What this task involves ▸
Every line in the records below with the string "SOLIDWALL" is to be copied out.

Task data ▸
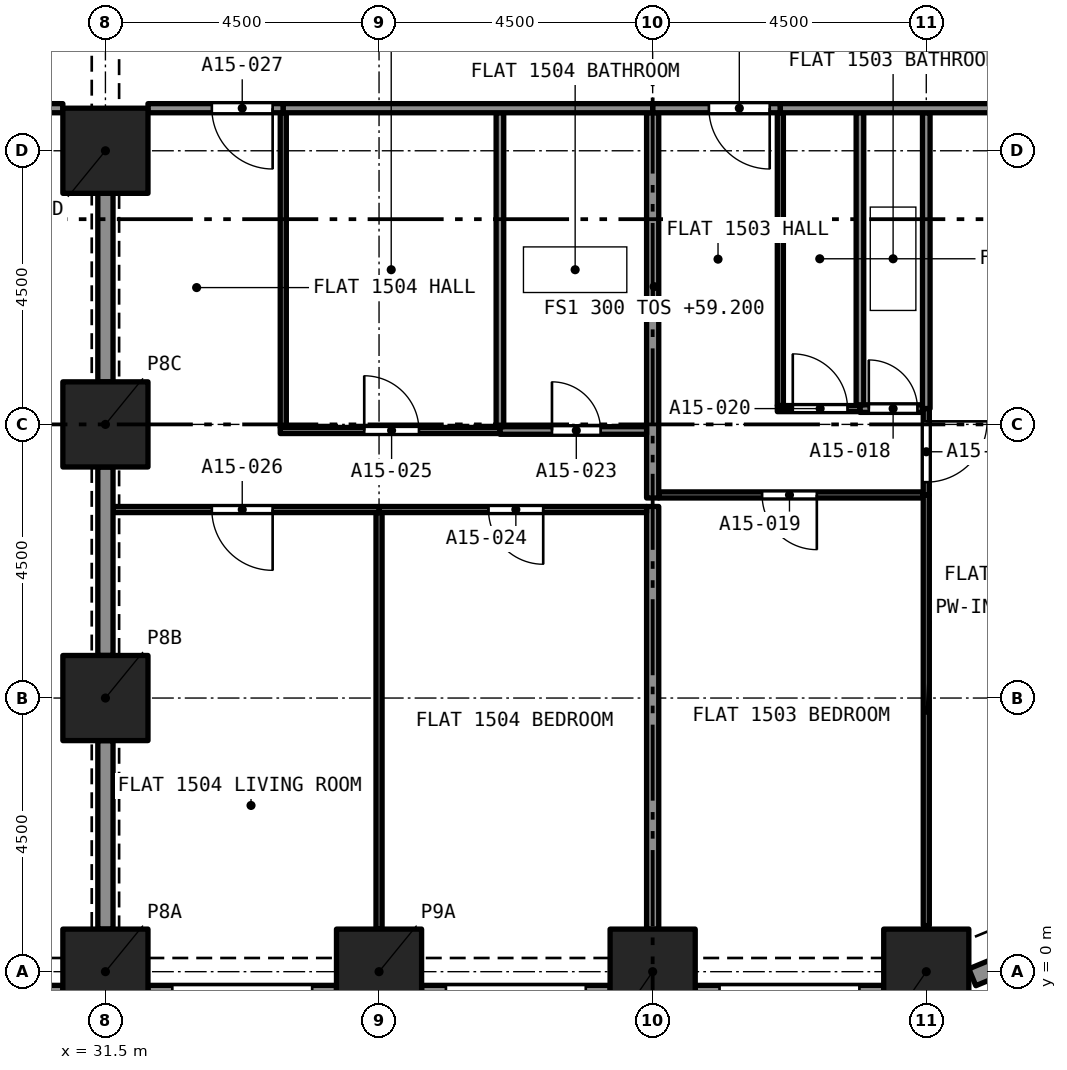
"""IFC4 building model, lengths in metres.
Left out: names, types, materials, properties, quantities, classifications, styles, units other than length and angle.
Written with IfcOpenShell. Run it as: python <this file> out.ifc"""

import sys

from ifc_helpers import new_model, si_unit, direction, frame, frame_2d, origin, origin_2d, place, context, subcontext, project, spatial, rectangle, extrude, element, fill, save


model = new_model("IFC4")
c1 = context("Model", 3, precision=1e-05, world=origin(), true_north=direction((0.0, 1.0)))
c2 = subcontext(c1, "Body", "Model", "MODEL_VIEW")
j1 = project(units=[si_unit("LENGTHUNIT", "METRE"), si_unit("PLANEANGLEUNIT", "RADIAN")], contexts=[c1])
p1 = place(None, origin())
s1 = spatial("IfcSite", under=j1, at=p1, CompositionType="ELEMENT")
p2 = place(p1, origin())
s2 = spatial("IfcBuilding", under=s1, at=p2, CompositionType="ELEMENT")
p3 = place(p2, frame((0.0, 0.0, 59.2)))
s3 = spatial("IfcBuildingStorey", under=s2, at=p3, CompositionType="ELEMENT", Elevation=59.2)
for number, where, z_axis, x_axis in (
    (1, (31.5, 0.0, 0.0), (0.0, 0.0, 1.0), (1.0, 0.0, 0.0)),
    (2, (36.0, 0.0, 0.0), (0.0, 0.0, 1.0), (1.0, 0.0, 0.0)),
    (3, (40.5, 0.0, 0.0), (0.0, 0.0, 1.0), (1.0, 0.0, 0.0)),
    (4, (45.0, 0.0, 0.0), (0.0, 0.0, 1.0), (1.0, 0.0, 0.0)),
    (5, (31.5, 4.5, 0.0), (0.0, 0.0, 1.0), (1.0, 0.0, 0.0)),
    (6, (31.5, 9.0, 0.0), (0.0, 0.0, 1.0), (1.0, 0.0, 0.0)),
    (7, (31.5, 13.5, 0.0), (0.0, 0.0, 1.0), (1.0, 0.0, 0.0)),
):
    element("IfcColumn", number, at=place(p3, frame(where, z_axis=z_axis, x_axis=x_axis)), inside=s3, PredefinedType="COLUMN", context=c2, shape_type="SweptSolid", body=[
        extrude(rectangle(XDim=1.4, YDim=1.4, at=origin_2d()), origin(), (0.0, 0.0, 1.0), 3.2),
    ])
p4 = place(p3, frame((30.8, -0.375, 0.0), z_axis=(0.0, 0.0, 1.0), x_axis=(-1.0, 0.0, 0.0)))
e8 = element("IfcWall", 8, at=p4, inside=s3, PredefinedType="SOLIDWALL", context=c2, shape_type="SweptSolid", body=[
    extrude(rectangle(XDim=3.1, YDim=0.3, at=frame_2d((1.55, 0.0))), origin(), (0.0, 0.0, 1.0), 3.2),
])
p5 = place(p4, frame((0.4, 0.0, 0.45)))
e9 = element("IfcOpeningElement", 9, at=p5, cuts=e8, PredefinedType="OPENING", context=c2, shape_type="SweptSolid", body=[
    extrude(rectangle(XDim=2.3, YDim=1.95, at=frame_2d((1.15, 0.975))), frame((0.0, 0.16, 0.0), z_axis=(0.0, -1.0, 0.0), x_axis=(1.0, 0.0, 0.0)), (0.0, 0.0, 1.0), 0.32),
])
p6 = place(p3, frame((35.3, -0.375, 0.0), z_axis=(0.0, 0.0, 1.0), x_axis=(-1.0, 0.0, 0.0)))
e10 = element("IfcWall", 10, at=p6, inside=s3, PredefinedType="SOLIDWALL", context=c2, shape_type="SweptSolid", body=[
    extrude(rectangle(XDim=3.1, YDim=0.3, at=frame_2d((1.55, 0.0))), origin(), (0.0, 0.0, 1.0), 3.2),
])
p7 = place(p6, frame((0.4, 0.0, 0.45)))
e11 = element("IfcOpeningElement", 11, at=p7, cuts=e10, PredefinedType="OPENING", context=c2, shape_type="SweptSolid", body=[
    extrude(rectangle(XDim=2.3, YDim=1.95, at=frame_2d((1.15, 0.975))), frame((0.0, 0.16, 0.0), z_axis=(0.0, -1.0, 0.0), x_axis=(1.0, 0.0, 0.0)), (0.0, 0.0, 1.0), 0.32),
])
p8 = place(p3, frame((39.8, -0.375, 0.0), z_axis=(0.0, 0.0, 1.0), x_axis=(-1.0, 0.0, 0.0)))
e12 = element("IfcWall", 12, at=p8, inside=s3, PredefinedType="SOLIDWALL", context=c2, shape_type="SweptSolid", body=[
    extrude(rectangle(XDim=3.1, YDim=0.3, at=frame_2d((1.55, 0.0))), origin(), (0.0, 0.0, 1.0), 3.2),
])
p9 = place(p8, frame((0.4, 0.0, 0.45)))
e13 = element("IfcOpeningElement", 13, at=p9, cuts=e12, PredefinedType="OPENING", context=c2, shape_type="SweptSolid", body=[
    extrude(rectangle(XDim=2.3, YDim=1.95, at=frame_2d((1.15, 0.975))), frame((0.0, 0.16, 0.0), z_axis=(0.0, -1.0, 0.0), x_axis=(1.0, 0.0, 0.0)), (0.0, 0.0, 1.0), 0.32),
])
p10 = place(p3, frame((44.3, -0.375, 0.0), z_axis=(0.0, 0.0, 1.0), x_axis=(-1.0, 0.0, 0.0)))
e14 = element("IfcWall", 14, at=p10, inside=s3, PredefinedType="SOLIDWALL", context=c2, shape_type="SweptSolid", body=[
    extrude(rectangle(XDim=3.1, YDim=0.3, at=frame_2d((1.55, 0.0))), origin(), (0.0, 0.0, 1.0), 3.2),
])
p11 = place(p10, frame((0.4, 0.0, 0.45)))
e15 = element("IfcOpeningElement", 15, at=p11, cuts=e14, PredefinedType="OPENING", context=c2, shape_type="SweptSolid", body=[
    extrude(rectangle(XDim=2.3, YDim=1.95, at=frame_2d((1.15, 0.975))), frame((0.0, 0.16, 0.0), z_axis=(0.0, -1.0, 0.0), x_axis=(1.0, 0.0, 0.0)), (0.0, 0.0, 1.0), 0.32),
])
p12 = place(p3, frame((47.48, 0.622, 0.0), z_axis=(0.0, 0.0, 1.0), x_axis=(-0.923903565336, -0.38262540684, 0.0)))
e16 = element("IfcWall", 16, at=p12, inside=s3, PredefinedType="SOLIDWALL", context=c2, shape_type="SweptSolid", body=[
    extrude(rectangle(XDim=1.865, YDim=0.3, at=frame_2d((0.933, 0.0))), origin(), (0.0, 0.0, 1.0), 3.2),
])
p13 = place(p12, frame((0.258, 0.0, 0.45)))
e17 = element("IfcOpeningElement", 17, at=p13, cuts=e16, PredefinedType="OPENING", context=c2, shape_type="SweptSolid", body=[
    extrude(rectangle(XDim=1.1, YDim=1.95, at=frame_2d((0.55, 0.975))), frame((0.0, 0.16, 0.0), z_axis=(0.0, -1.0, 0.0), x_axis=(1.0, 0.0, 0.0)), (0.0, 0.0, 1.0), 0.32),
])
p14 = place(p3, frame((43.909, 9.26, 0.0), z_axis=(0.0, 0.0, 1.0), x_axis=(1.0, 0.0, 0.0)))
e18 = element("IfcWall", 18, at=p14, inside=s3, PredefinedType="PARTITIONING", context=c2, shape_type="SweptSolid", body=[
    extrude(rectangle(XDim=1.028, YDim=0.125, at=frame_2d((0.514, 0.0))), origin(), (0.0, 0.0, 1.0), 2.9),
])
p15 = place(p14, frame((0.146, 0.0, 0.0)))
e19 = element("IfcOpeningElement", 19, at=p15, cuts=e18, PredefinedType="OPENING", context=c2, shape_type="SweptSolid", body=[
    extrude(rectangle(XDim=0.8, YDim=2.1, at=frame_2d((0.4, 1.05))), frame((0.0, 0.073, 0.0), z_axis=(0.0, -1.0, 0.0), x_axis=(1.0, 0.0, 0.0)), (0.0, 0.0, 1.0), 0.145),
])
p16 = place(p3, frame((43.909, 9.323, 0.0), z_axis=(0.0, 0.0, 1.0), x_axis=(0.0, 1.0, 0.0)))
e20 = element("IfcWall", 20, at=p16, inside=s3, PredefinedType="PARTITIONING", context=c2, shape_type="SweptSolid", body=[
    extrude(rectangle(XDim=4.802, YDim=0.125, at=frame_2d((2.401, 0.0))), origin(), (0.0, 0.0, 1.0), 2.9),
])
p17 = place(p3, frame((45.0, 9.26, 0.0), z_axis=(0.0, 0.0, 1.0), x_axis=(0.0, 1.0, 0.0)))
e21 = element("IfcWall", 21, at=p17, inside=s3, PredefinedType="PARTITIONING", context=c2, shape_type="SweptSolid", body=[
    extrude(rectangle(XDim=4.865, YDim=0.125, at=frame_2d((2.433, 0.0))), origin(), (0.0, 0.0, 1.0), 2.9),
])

Task response ▸
e8 = element("IfcWall", 8, at=p4, inside=s3, PredefinedType="SOLIDWALL", context=c2, shape_type="SweptSolid", body=[
e10 = element("IfcWall", 10, at=p6, inside=s3, PredefinedType="SOLIDWALL", context=c2, shape_type="SweptSolid", body=[
e12 = element("IfcWall", 12, at=p8, inside=s3, PredefinedType="SOLIDWALL", context=c2, shape_type="SweptSolid", body=[
e14 = element("IfcWall", 14, at=p10, inside=s3, PredefinedType="SOLIDWALL", context=c2, shape_type="SweptSolid", body=[
e16 = element("IfcWall", 16, at=p12, inside=s3, PredefinedType="SOLIDWALL", context=c2, shape_type="SweptSolid", body=[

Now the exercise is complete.